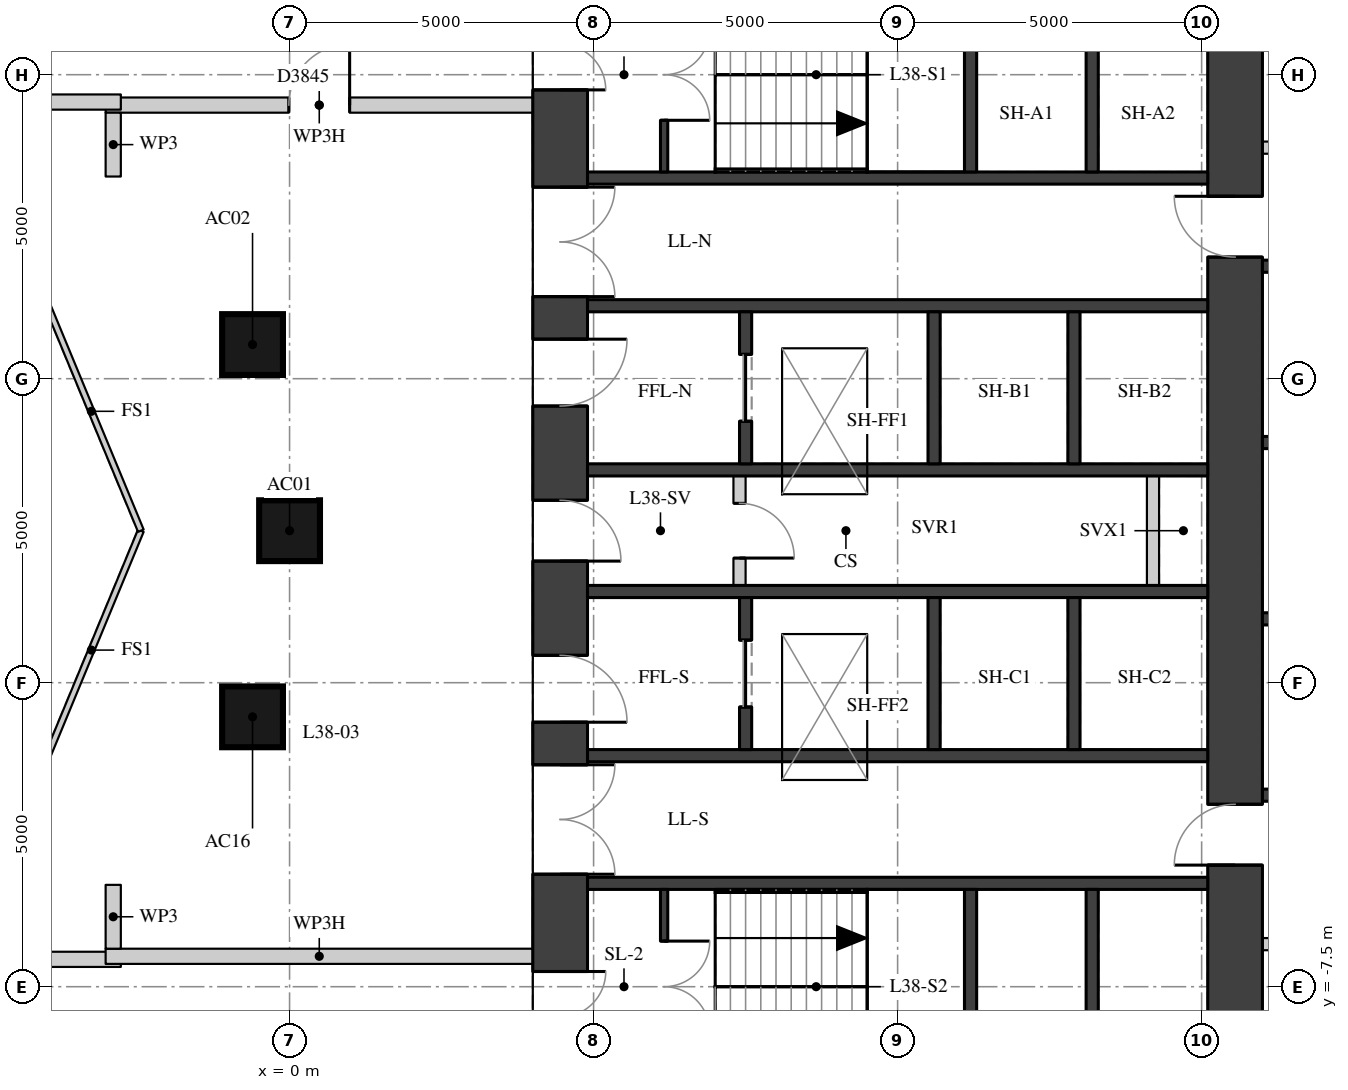
"""IFC4 building model, lengths in metres.
Left out: names, types, materials, properties, quantities, classifications, styles, units other than length and angle.
Written with IfcOpenShell. Run it as: python <this file> out.ifc"""

import sys

from ifc_helpers import new_model, si_unit, direction, frame, frame_2d, origin, origin_2d, place, context, subcontext, project, spatial, rectangle, extrude, element, fill, save


model = new_model("IFC4")
c1 = context("Model", 3, precision=1e-05, world=origin(), true_north=direction((0.0, 1.0)))
c2 = subcontext(c1, "Body", "Model", "MODEL_VIEW")
j1 = project(units=[si_unit("LENGTHUNIT", "METRE"), si_unit("PLANEANGLEUNIT", "RADIAN")], contexts=[c1])
p1 = place(None, origin())
s1 = spatial("IfcSite", under=j1, at=p1, CompositionType="ELEMENT")
p2 = place(p1, origin())
s2 = spatial("IfcBuilding", under=s1, at=p2, CompositionType="ELEMENT")
p3 = place(p2, frame((0.0, 0.0, 135.1)))
s3 = spatial("IfcBuildingStorey", under=s2, at=p3, CompositionType="ELEMENT", Elevation=135.1)
for number, where, z_axis, x_axis in (
    (1, (0.0, 0.0, 0.0), (0.0, 0.0, 1.0), (1.0, 0.0, 0.0)),
    (2, (-0.609, 3.062, 0.0), (0.0, 0.0, 1.0), (1.0, 0.0, 0.0)),
    (3, (-0.609, -3.062, 0.0), (0.0, 0.0, 1.0), (1.0, 0.0, 0.0)),
):
    element("IfcColumn", number, at=place(p3, frame(where, z_axis=z_axis, x_axis=x_axis)), inside=s3, PredefinedType="COLUMN", context=c2, shape_type="SweptSolid", body=[
        extrude(rectangle(XDim=1.0, YDim=1.0, at=origin_2d()), origin(), (0.0, 0.0, 1.0), 4.5),
    ])
p4 = place(p3, frame((4.45, -11.1, 0.0), z_axis=(0.0, 0.0, 1.0), x_axis=(0.0, 1.0, 0.0)))
e4 = element("IfcWall", 4, at=p4, inside=s3, PredefinedType="SHEAR", context=c2, shape_type="SweptSolid", body=[
    extrude(rectangle(XDim=22.2, YDim=0.9, at=frame_2d((11.1, 0.0))), origin(), (0.0, 0.0, 1.0), 4.09),
])
p5 = place(p4, frame((2.35, 0.0, 0.0)))
e5 = element("IfcOpeningElement", 5, at=p5, cuts=e4, PredefinedType="OPENING", context=c2, shape_type="SweptSolid", body=[
    extrude(rectangle(XDim=1.5, YDim=2.1, at=frame_2d((0.75, 1.05))), frame((0.0, 0.46, 0.0), z_axis=(0.0, -1.0, 0.0), x_axis=(1.0, 0.0, 0.0)), (0.0, 0.0, 1.0), 0.92),
])
p6 = place(p4, frame((5.45, 0.0, 0.0)))
e6 = element("IfcOpeningElement", 6, at=p6, cuts=e4, PredefinedType="OPENING", context=c2, shape_type="SweptSolid", body=[
    extrude(rectangle(XDim=1.8, YDim=2.1, at=frame_2d((0.9, 1.05))), frame((0.0, 0.46, 0.0), z_axis=(0.0, -1.0, 0.0), x_axis=(1.0, 0.0, 0.0)), (0.0, 0.0, 1.0), 0.92),
])
p7 = place(p4, frame((7.95, 0.0, 0.0)))
e7 = element("IfcOpeningElement", 7, at=p7, cuts=e4, PredefinedType="OPENING", context=c2, shape_type="SweptSolid", body=[
    extrude(rectangle(XDim=1.1, YDim=2.1, at=frame_2d((0.55, 1.05))), frame((0.0, 0.46, 0.0), z_axis=(0.0, -1.0, 0.0), x_axis=(1.0, 0.0, 0.0)), (0.0, 0.0, 1.0), 0.92),
])
p8 = place(p4, frame((10.6, 0.0, 0.0)))
e8 = element("IfcOpeningElement", 8, at=p8, cuts=e4, PredefinedType="OPENING", context=c2, shape_type="SweptSolid", body=[
    extrude(rectangle(XDim=1.0, YDim=2.1, at=frame_2d((0.5, 1.05))), frame((0.0, 0.46, 0.0), z_axis=(0.0, -1.0, 0.0), x_axis=(1.0, 0.0, 0.0)), (0.0, 0.0, 1.0), 0.92),
])
p9 = place(p4, frame((13.15, 0.0, 0.0)))
e9 = element("IfcOpeningElement", 9, at=p9, cuts=e4, PredefinedType="OPENING", context=c2, shape_type="SweptSolid", body=[
    extrude(rectangle(XDim=1.1, YDim=2.1, at=frame_2d((0.55, 1.05))), frame((0.0, 0.46, 0.0), z_axis=(0.0, -1.0, 0.0), x_axis=(1.0, 0.0, 0.0)), (0.0, 0.0, 1.0), 0.92),
])
p10 = place(p4, frame((14.95, 0.0, 0.0)))
e10 = element("IfcOpeningElement", 10, at=p10, cuts=e4, PredefinedType="OPENING", context=c2, shape_type="SweptSolid", body=[
    extrude(rectangle(XDim=1.8, YDim=2.1, at=frame_2d((0.9, 1.05))), frame((0.0, 0.46, 0.0), z_axis=(0.0, -1.0, 0.0), x_axis=(1.0, 0.0, 0.0)), (0.0, 0.0, 1.0), 0.92),
])
p11 = place(p4, frame((18.35, 0.0, 0.0)))
e11 = element("IfcOpeningElement", 11, at=p11, cuts=e4, PredefinedType="OPENING", context=c2, shape_type="SweptSolid", body=[
    extrude(rectangle(XDim=1.5, YDim=2.1, at=frame_2d((0.75, 1.05))), frame((0.0, 0.46, 0.0), z_axis=(0.0, -1.0, 0.0), x_axis=(1.0, 0.0, 0.0)), (0.0, 0.0, 1.0), 0.92),
])
p12 = place(p3, frame((15.55, -11.1, 0.0), z_axis=(0.0, 0.0, 1.0), x_axis=(0.0, 1.0, 0.0)))
e12 = element("IfcWall", 12, at=p12, inside=s3, PredefinedType="SHEAR", context=c2, shape_type="SweptSolid", body=[
    extrude(rectangle(XDim=22.2, YDim=0.9, at=frame_2d((11.1, 0.0))), origin(), (0.0, 0.0, 1.0), 4.09),
])
p13 = place(p12, frame((15.6, 0.0, 0.0)))
e13 = element("IfcOpeningElement", 13, at=p13, cuts=e12, PredefinedType="OPENING", context=c2, shape_type="SweptSolid", body=[
    extrude(rectangle(XDim=1.0, YDim=2.1, at=frame_2d((0.5, 1.05))), frame((0.0, 0.46, 0.0), z_axis=(0.0, -1.0, 0.0), x_axis=(1.0, 0.0, 0.0)), (0.0, 0.0, 1.0), 0.92),
])
p14 = place(p12, frame((5.6, 0.0, 0.0)))
e14 = element("IfcOpeningElement", 14, at=p14, cuts=e12, PredefinedType="OPENING", context=c2, shape_type="SweptSolid", body=[
    extrude(rectangle(XDim=1.0, YDim=2.1, at=frame_2d((0.5, 1.05))), frame((0.0, 0.46, 0.0), z_axis=(0.0, -1.0, 0.0), x_axis=(1.0, 0.0, 0.0)), (0.0, 0.0, 1.0), 0.92),
])
for number, where, z_axis, x_axis in (
    (15, (4.9, 5.8, 0.0), (0.0, 0.0, 1.0), (1.0, 0.0, 0.0)),
    (16, (4.9, 3.7, 0.0), (0.0, 0.0, 1.0), (1.0, 0.0, 0.0)),
    (17, (4.9, 1.0, 0.0), (0.0, 0.0, 1.0), (1.0, 0.0, 0.0)),
    (18, (4.9, -1.0, 0.0), (0.0, 0.0, 1.0), (1.0, 0.0, 0.0)),
    (19, (4.9, -3.7, 0.0), (0.0, 0.0, 1.0), (1.0, 0.0, 0.0)),
    (20, (4.9, -5.8, 0.0), (0.0, 0.0, 1.0), (1.0, 0.0, 0.0)),
):
    element("IfcWall", number, at=place(p3, frame(where, z_axis=z_axis, x_axis=x_axis)), inside=s3, PredefinedType="SHEAR", context=c2, shape_type="SweptSolid", body=[
        extrude(rectangle(XDim=10.2, YDim=0.2, at=frame_2d((5.1, 0.0))), origin(), (0.0, 0.0, 1.0), 4.09),
    ])
for number, where, z_axis, x_axis in (
    (21, (11.2, 5.9, 0.0), (0.0, 0.0, 1.0), (0.0, 1.0, 0.0)),
    (22, (11.2, -9.1, 0.0), (0.0, 0.0, 1.0), (0.0, 1.0, 0.0)),
    (23, (13.2, 5.9, 0.0), (0.0, 0.0, 1.0), (0.0, 1.0, 0.0)),
    (24, (13.2, -9.1, 0.0), (0.0, 0.0, 1.0), (0.0, 1.0, 0.0)),
):
    element("IfcWall", number, at=place(p3, frame(where, z_axis=z_axis, x_axis=x_axis)), inside=s3, PredefinedType="SHEAR", context=c2, shape_type="SweptSolid", body=[
        extrude(rectangle(XDim=3.2, YDim=0.2, at=frame_2d((1.6, 0.0))), origin(), (0.0, 0.0, 1.0), 4.09),
    ])
p15 = place(p3, frame((7.5, 1.1, 0.0), z_axis=(0.0, 0.0, 1.0), x_axis=(0.0, 1.0, 0.0)))
e25 = element("IfcWall", 25, at=p15, inside=s3, PredefinedType="SHEAR", context=c2, shape_type="SweptSolid", body=[
    extrude(rectangle(XDim=2.5, YDim=0.2, at=frame_2d((1.25, 0.0))), origin(), (0.0, 0.0, 1.0), 4.09),
])
p16 = place(p15, frame((0.7, 0.0, 0.0)))
e26 = element("IfcOpeningElement", 26, at=p16, cuts=e25, PredefinedType="OPENING", context=c2, shape_type="SweptSolid", body=[
    extrude(rectangle(XDim=1.1, YDim=2.1, at=frame_2d((0.55, 1.05))), frame((0.0, 0.11, 0.0), z_axis=(0.0, -1.0, 0.0), x_axis=(1.0, 0.0, 0.0)), (0.0, 0.0, 1.0), 0.22),
])
p17 = place(p3, frame((7.5, -3.6, 0.0), z_axis=(0.0, 0.0, 1.0), x_axis=(0.0, 1.0, 0.0)))
e27 = element("IfcWall", 27, at=p17, inside=s3, PredefinedType="SHEAR", context=c2, shape_type="SweptSolid", body=[
    extrude(rectangle(XDim=2.5, YDim=0.2, at=frame_2d((1.25, 0.0))), origin(), (0.0, 0.0, 1.0), 4.09),
])
p18 = place(p17, frame((0.7, 0.0, 0.0)))
e28 = element("IfcOpeningElement", 28, at=p18, cuts=e27, PredefinedType="OPENING", context=c2, shape_type="SweptSolid", body=[
    extrude(rectangle(XDim=1.1, YDim=2.1, at=frame_2d((0.55, 1.05))), frame((0.0, 0.11, 0.0), z_axis=(0.0, -1.0, 0.0), x_axis=(1.0, 0.0, 0.0)), (0.0, 0.0, 1.0), 0.22),
])
for number, where, z_axis, x_axis in (
    (29, (10.6, 1.1, 0.0), (0.0, 0.0, 1.0), (0.0, 1.0, 0.0)),
    (30, (10.6, -3.6, 0.0), (0.0, 0.0, 1.0), (0.0, 1.0, 0.0)),
    (31, (12.9, 1.1, 0.0), (0.0, 0.0, 1.0), (0.0, 1.0, 0.0)),
    (32, (12.9, -3.6, 0.0), (0.0, 0.0, 1.0), (0.0, 1.0, 0.0)),
):
    element("IfcWall", number, at=place(p3, frame(where, z_axis=z_axis, x_axis=x_axis)), inside=s3, PredefinedType="SHEAR", context=c2, shape_type="SweptSolid", body=[
        extrude(rectangle(XDim=2.5, YDim=0.2, at=frame_2d((1.25, 0.0))), origin(), (0.0, 0.0, 1.0), 4.09),
    ])
p19 = place(p3, frame((6.16, 5.9, 0.0), z_axis=(0.0, 0.0, 1.0), x_axis=(0.0, 1.0, 0.0)))
e33 = element("IfcWall", 33, at=p19, inside=s3, PredefinedType="SHEAR", context=c2, shape_type="SweptSolid", body=[
    extrude(rectangle(XDim=3.2, YDim=0.12, at=frame_2d((1.6, 0.0))), origin(), (0.0, 0.0, 1.0), 4.09),
])
p20 = place(p19, frame((0.85, 0.0, 0.0)))
e34 = element("IfcOpeningElement", 34, at=p20, cuts=e33, PredefinedType="OPENING", context=c2, shape_type="SweptSolid", body=[
    extrude(rectangle(XDim=1.5, YDim=2.1, at=frame_2d((0.75, 1.05))), frame((0.0, 0.07, 0.0), z_axis=(0.0, -1.0, 0.0), x_axis=(1.0, 0.0, 0.0)), (0.0, 0.0, 1.0), 0.14),
])
p21 = place(p3, frame((6.16, -9.1, 0.0), z_axis=(0.0, 0.0, 1.0), x_axis=(0.0, 1.0, 0.0)))
e35 = element("IfcWall", 35, at=p21, inside=s3, PredefinedType="SHEAR", context=c2, shape_type="SweptSolid", body=[
    extrude(rectangle(XDim=3.2, YDim=0.12, at=frame_2d((1.6, 0.0))), origin(), (0.0, 0.0, 1.0), 4.09),
])
p22 = place(p21, frame((0.85, 0.0, 0.0)))
e36 = element("IfcOpeningElement", 36, at=p22, cuts=e35, PredefinedType="OPENING", context=c2, shape_type="SweptSolid", body=[
    extrude(rectangle(XDim=1.5, YDim=2.1, at=frame_2d((0.75, 1.05))), frame((0.0, 0.07, 0.0), z_axis=(0.0, -1.0, 0.0), x_axis=(1.0, 0.0, 0.0)), (0.0, 0.0, 1.0), 0.14),
])
p23 = place(p3, frame((7.4, -0.9, 0.0), z_axis=(0.0, 0.0, 1.0), x_axis=(0.0, 1.0, 0.0)))
e37 = element("IfcWall", 37, at=p23, inside=s3, PredefinedType="PARTITIONING", context=c2, shape_type="SweptSolid", body=[
    extrude(rectangle(XDim=1.8, YDim=0.2, at=frame_2d((0.9, 0.0))), origin(), (0.0, 0.0, 1.0), 4.09),
])
p24 = place(p23, frame((0.45, 0.0, 0.0)))
e38 = element("IfcOpeningElement", 38, at=p24, cuts=e37, PredefinedType="OPENING", context=c2, shape_type="SweptSolid", body=[
    extrude(rectangle(XDim=0.9, YDim=2.1, at=frame_2d((0.45, 1.05))), frame((0.0, 0.11, 0.0), z_axis=(0.0, -1.0, 0.0), x_axis=(1.0, 0.0, 0.0)), (0.0, 0.0, 1.0), 0.22),
])
p25 = place(p3, frame((14.2, -0.9, 0.0), z_axis=(0.0, 0.0, 1.0), x_axis=(0.0, 1.0, 0.0)))
e39 = element("IfcWall", 39, at=p25, inside=s3, PredefinedType="PARTITIONING", context=c2, shape_type="SweptSolid", body=[
    extrude(rectangle(XDim=1.8, YDim=0.2, at=frame_2d((0.9, 0.0))), origin(), (0.0, 0.0, 1.0), 4.09),
])
for number, where, z_axis, x_axis in (
    (40, (16.0, -4.35, 0.0), (0.0, 0.0, 1.0), (1.0, 0.0, 0.0)),
    (41, (16.0, -1.45, 0.0), (0.0, 0.0, 1.0), (1.0, 0.0, 0.0)),
    (42, (16.0, 1.45, 0.0), (0.0, 0.0, 1.0), (1.0, 0.0, 0.0)),
    (43, (16.0, 4.35, 0.0), (0.0, 0.0, 1.0), (1.0, 0.0, 0.0)),
):
    element("IfcWall", number, at=place(p3, frame(where, z_axis=z_axis, x_axis=x_axis)), inside=s3, PredefinedType="SHEAR", context=c2, shape_type="SweptSolid", body=[
        extrude(rectangle(XDim=2.3, YDim=0.2, at=frame_2d((1.15, 0.0))), origin(), (0.0, 0.0, 1.0), 4.09),
    ])
p26 = place(p3, frame((16.0, 6.3, 0.0), z_axis=(0.0, 0.0, 1.0), x_axis=(1.0, 0.0, 0.0)))
e44 = element("IfcWall", 44, at=p26, inside=s3, PredefinedType="PARTITIONING", context=c2, shape_type="SweptSolid", body=[
    extrude(rectangle(XDim=2.3, YDim=0.2, at=frame_2d((1.15, 0.0))), origin(), (0.0, 0.0, 1.0), 4.09),
])
p27 = place(p26, frame((0.3, 0.0, 0.0)))
e45 = element("IfcOpeningElement", 45, at=p27, cuts=e44, PredefinedType="OPENING", context=c2, shape_type="SweptSolid", body=[
    extrude(rectangle(XDim=0.9, YDim=2.1, at=frame_2d((0.45, 1.05))), frame((0.0, 0.11, 0.0), z_axis=(0.0, -1.0, 0.0), x_axis=(1.0, 0.0, 0.0)), (0.0, 0.0, 1.0), 0.22),
])
p28 = place(p3, frame((16.0, -6.8, 0.0), z_axis=(0.0, 0.0, 1.0), x_axis=(1.0, 0.0, 0.0)))
e46 = element("IfcWall", 46, at=p28, inside=s3, PredefinedType="PARTITIONING", context=c2, shape_type="SweptSolid", body=[
    extrude(rectangle(XDim=2.3, YDim=0.2, at=frame_2d((1.15, 0.0))), origin(), (0.0, 0.0, 1.0), 4.09),
])
p29 = place(p28, frame((0.2, 0.0, 0.0)))
e47 = element("IfcOpeningElement", 47, at=p29, cuts=e46, PredefinedType="OPENING", context=c2, shape_type="SweptSolid", body=[
    extrude(rectangle(XDim=0.9, YDim=2.1, at=frame_2d((0.45, 1.05))), frame((0.0, 0.11, 0.0), z_axis=(0.0, -1.0, 0.0), x_axis=(1.0, 0.0, 0.0)), (0.0, 0.0, 1.0), 0.22),
])
p30 = place(p3, frame((-9.375, -7.05, 0.0), z_axis=(0.0, 0.0, 1.0), x_axis=(1.0, 0.0, 0.0)))
e48 = element("IfcWall", 48, at=p30, inside=s3, PredefinedType="PARTITIONING", context=c2, shape_type="SweptSolid", body=[
    extrude(rectangle(XDim=6.6, YDim=0.25, at=frame_2d((3.3, 0.0))), origin(), (0.0, 0.0, 1.0), 3.54),
])
p31 = place(p3, frame((-3.025, -7.0, 0.0), z_axis=(0.0, 0.0, 1.0), x_axis=(1.0, 0.0, 0.0)))
e49 = element("IfcWall", 49, at=p31, inside=s3, PredefinedType="PARTITIONING", context=c2, shape_type="SweptSolid", body=[
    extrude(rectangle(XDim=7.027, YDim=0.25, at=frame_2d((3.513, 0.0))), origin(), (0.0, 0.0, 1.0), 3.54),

· · · ·

* _Your instructions_
Across all the entries, how many lines include "units"? Answer with the number alone.

* _Written reply_
2